### WHAT THIS TASK INVOLVES
Below are entries; work out how many of their lines hold "units", giving only that number.

Segment Start: DATASET CONTENT

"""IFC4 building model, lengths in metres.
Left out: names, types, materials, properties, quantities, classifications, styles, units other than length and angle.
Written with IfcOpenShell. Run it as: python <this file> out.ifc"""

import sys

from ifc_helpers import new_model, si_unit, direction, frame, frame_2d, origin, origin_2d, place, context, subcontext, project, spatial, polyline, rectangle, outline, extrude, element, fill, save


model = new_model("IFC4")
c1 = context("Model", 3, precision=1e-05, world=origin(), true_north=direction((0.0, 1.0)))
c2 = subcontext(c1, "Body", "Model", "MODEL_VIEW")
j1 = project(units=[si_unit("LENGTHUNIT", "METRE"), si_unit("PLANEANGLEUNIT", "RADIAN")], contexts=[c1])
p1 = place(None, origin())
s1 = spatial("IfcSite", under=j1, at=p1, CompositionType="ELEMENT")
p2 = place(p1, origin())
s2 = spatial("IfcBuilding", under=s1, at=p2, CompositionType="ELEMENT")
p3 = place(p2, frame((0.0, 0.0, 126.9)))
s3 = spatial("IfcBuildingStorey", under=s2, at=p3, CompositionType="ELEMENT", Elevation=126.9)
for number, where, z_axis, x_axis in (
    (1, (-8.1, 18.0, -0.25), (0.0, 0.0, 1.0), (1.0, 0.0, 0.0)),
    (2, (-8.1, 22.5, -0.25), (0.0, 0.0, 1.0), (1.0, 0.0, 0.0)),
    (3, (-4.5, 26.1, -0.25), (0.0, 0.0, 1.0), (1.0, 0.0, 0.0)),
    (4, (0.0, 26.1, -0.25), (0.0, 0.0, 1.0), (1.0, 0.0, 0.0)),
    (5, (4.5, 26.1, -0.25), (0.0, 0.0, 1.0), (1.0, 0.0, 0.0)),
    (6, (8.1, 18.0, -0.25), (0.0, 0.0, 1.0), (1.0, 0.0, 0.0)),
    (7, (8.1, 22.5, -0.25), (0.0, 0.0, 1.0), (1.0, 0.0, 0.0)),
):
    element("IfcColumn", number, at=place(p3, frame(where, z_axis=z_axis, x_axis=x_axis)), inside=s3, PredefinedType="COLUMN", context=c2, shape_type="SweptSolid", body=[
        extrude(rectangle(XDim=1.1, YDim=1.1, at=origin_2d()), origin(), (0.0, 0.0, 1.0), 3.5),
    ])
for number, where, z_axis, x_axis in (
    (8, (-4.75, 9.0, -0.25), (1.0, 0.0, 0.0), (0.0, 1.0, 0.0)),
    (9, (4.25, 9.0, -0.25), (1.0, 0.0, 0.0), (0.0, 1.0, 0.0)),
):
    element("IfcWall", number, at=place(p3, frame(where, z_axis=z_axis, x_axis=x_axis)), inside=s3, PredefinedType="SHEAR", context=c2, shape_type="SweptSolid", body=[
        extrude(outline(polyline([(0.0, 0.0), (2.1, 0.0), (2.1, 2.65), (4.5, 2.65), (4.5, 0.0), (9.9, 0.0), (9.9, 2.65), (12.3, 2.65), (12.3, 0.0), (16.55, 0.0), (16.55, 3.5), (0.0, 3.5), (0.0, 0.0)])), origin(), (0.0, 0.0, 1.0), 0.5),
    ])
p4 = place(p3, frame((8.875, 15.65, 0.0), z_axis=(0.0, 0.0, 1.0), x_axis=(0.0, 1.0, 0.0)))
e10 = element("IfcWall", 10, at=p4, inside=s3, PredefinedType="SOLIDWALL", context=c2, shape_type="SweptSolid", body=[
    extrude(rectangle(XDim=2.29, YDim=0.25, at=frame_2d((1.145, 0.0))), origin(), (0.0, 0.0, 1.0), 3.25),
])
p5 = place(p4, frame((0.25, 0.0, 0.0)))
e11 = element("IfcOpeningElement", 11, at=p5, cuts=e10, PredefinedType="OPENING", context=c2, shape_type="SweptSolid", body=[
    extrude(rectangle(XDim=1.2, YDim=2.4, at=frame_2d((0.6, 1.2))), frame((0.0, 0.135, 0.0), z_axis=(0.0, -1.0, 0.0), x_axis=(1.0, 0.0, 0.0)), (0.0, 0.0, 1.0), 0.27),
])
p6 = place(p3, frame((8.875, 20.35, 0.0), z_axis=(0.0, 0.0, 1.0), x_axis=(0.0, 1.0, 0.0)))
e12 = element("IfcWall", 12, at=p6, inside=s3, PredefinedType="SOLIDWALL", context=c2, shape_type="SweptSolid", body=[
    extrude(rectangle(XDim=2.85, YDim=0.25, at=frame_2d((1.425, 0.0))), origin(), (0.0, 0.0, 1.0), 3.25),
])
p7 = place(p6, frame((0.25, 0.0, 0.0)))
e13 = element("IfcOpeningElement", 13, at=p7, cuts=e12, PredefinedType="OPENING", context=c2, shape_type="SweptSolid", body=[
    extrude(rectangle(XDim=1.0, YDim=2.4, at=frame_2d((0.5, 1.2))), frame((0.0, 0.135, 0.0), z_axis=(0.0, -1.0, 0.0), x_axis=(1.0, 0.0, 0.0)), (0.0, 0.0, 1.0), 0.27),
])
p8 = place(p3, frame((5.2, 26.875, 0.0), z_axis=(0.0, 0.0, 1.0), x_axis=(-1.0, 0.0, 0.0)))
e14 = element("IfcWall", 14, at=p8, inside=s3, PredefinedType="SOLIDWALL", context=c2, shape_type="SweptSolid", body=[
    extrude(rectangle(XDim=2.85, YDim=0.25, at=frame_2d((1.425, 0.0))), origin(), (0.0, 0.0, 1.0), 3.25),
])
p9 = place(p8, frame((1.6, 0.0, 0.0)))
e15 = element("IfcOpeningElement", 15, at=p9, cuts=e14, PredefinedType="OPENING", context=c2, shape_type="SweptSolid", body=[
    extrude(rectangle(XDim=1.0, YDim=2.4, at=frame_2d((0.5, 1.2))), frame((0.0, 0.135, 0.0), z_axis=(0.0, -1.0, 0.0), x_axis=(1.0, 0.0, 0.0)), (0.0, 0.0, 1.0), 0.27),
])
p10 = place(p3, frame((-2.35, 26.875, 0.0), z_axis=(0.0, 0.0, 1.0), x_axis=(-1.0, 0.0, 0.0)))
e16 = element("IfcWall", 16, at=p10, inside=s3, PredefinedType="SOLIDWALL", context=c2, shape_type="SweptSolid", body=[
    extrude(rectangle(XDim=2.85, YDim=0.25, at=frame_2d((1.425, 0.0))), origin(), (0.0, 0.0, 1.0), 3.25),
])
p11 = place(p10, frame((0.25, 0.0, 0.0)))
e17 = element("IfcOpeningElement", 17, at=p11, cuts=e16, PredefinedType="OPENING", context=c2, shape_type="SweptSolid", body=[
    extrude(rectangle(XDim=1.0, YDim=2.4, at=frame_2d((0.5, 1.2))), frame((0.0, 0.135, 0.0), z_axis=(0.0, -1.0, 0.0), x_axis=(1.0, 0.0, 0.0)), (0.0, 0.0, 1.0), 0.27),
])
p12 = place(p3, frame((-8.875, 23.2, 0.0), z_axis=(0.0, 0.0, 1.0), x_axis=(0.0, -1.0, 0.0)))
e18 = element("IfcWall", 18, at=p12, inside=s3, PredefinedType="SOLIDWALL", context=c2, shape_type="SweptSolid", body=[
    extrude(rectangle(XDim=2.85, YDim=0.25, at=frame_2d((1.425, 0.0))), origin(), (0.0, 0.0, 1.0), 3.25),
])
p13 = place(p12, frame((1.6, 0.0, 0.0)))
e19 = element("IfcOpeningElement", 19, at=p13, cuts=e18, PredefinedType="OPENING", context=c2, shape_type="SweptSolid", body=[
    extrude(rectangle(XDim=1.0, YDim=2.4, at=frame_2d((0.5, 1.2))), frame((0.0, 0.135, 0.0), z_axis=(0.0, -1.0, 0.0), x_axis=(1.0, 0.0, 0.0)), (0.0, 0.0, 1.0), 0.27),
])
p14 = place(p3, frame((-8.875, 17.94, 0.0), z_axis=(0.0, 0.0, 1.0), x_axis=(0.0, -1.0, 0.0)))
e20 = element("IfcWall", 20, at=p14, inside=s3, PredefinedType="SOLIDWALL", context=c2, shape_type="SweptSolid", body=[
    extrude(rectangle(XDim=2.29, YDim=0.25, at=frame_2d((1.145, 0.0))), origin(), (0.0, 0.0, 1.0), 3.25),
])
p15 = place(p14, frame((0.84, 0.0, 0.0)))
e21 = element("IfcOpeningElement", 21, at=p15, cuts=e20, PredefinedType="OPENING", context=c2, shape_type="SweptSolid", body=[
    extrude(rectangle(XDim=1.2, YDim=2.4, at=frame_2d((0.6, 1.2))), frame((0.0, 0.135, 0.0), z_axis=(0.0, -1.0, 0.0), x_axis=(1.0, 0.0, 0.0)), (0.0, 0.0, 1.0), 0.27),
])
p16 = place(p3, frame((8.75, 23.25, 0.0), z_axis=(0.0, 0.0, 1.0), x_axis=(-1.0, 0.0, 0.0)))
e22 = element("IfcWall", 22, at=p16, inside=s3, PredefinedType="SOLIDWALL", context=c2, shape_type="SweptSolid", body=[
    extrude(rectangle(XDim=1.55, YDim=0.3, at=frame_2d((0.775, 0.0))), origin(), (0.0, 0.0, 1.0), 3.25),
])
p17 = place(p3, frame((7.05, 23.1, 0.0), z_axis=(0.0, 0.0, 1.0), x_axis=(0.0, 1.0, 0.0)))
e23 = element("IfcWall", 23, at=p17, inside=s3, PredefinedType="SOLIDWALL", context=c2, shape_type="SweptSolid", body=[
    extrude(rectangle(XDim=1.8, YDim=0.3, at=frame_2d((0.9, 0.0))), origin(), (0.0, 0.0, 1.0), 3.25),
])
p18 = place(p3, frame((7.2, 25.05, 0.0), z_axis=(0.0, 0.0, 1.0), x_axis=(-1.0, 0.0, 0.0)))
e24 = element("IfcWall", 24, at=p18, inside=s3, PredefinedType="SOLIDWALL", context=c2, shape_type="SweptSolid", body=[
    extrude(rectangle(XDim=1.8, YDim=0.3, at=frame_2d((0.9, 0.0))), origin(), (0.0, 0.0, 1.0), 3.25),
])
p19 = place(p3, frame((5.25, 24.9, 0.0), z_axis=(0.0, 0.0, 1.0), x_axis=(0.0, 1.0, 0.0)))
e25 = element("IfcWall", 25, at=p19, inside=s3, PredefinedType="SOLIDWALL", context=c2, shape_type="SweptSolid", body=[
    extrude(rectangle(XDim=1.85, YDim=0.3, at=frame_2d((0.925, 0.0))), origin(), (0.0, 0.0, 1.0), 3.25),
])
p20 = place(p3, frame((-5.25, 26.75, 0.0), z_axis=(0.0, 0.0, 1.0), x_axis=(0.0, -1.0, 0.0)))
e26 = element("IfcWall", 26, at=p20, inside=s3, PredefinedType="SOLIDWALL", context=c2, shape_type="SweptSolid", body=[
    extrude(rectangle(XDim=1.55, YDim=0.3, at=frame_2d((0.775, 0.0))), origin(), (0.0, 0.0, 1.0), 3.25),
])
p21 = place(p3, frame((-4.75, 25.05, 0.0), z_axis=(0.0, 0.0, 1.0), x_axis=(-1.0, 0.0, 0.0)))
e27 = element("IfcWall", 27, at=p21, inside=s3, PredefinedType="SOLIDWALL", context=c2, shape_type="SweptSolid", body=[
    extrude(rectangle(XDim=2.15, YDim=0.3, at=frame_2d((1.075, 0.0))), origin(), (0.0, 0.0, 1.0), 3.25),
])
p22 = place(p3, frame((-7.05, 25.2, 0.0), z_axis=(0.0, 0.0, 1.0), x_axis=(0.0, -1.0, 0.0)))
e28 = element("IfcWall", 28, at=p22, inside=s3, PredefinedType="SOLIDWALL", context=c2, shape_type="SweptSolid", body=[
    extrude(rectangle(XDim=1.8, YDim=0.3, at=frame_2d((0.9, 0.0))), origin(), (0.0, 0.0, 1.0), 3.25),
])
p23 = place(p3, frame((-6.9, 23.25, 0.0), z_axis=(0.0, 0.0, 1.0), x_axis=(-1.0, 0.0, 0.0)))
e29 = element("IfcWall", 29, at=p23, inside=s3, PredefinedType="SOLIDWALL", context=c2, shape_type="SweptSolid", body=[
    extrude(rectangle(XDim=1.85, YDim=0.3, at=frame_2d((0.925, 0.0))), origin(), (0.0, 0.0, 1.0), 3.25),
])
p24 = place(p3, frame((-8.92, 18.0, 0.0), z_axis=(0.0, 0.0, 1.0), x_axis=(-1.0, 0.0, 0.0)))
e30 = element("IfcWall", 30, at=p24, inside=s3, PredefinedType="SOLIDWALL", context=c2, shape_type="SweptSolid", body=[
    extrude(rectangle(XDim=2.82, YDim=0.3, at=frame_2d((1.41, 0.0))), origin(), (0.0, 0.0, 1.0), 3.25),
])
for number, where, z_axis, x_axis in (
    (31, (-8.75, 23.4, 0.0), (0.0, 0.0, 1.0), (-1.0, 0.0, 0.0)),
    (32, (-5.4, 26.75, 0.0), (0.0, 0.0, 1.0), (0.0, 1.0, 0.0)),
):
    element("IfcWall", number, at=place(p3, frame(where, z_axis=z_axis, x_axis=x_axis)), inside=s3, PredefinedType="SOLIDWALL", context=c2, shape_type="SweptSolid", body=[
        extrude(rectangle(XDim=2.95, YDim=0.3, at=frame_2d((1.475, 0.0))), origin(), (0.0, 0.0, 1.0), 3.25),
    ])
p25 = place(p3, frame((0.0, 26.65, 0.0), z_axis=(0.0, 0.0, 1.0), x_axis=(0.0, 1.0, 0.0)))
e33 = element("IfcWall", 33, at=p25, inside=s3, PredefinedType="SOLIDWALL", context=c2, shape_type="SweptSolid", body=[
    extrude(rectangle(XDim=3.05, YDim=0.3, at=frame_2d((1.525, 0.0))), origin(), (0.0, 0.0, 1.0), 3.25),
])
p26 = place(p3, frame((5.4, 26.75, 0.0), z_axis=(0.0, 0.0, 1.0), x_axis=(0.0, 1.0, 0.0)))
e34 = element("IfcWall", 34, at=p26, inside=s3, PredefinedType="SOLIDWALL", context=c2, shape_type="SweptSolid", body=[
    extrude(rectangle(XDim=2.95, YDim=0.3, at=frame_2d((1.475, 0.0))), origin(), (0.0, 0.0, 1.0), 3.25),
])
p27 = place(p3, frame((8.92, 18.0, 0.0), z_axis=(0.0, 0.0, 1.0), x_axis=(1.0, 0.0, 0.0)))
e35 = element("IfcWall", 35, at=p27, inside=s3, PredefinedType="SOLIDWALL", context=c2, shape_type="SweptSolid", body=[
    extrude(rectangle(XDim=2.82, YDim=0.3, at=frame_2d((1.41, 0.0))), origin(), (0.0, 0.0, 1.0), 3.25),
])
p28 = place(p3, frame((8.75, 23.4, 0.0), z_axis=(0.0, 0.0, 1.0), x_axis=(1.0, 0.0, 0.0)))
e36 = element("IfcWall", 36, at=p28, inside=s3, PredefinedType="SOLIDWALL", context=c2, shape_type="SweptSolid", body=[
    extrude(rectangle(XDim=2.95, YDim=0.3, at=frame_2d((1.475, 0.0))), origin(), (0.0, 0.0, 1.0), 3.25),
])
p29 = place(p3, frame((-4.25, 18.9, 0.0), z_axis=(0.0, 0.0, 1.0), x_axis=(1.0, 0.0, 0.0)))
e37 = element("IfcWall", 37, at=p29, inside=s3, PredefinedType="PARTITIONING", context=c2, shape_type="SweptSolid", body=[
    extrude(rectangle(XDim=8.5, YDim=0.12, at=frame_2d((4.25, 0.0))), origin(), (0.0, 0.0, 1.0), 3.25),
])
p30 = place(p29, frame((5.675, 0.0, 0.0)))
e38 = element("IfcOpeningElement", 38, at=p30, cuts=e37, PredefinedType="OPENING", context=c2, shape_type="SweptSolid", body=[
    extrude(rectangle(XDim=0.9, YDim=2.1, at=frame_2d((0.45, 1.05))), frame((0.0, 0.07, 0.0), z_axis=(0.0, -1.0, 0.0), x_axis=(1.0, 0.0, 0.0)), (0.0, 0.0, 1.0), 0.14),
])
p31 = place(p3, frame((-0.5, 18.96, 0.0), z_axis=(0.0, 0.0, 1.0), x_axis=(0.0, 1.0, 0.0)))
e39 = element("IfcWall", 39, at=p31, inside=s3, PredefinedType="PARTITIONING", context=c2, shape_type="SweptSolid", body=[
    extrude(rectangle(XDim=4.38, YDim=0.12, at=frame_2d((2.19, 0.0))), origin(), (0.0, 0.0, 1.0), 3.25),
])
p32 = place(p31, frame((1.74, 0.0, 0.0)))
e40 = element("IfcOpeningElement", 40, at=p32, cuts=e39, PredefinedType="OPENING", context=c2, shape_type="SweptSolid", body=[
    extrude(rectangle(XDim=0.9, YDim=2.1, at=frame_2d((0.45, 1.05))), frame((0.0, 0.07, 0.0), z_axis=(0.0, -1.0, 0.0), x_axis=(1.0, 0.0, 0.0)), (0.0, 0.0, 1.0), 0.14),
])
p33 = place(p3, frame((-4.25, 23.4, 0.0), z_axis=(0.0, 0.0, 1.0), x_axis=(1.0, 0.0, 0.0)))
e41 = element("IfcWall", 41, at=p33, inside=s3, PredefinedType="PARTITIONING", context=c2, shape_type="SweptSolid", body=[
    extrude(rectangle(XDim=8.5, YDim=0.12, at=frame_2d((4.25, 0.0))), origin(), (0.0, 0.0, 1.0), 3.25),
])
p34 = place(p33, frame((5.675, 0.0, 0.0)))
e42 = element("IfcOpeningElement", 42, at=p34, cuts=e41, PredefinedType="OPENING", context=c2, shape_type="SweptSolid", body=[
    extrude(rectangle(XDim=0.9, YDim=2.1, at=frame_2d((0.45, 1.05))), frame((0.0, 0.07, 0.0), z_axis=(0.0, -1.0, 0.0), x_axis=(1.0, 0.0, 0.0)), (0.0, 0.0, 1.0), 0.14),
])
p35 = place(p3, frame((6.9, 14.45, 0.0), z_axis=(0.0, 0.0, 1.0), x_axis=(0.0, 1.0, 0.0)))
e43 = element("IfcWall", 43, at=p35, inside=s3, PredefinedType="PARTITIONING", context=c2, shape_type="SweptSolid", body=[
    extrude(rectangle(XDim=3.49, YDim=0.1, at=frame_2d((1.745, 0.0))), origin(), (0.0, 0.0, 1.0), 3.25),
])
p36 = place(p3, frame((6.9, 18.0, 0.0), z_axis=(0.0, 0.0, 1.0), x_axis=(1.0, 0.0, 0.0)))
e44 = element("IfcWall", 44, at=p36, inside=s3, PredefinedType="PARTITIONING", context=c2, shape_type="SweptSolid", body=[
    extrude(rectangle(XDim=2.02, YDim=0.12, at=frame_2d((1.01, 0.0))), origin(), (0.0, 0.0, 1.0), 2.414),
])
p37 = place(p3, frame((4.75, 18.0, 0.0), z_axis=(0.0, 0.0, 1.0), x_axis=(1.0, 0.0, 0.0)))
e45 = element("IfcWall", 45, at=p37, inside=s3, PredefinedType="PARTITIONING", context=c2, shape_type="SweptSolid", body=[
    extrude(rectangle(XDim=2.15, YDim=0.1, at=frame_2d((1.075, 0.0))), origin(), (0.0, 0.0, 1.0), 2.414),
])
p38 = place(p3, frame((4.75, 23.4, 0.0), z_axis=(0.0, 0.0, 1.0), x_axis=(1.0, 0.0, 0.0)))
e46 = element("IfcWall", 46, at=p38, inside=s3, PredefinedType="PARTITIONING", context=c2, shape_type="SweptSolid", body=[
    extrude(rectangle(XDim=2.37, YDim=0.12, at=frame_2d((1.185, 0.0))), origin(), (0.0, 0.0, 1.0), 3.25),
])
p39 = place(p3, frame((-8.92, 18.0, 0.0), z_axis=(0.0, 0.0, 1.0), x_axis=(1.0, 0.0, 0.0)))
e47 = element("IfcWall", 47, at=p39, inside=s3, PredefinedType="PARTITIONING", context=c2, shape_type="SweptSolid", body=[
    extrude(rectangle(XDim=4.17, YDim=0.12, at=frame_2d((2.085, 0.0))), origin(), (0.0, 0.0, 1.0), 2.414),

Segment End: DATASET CONTENT

### YOUR RESPONSE
2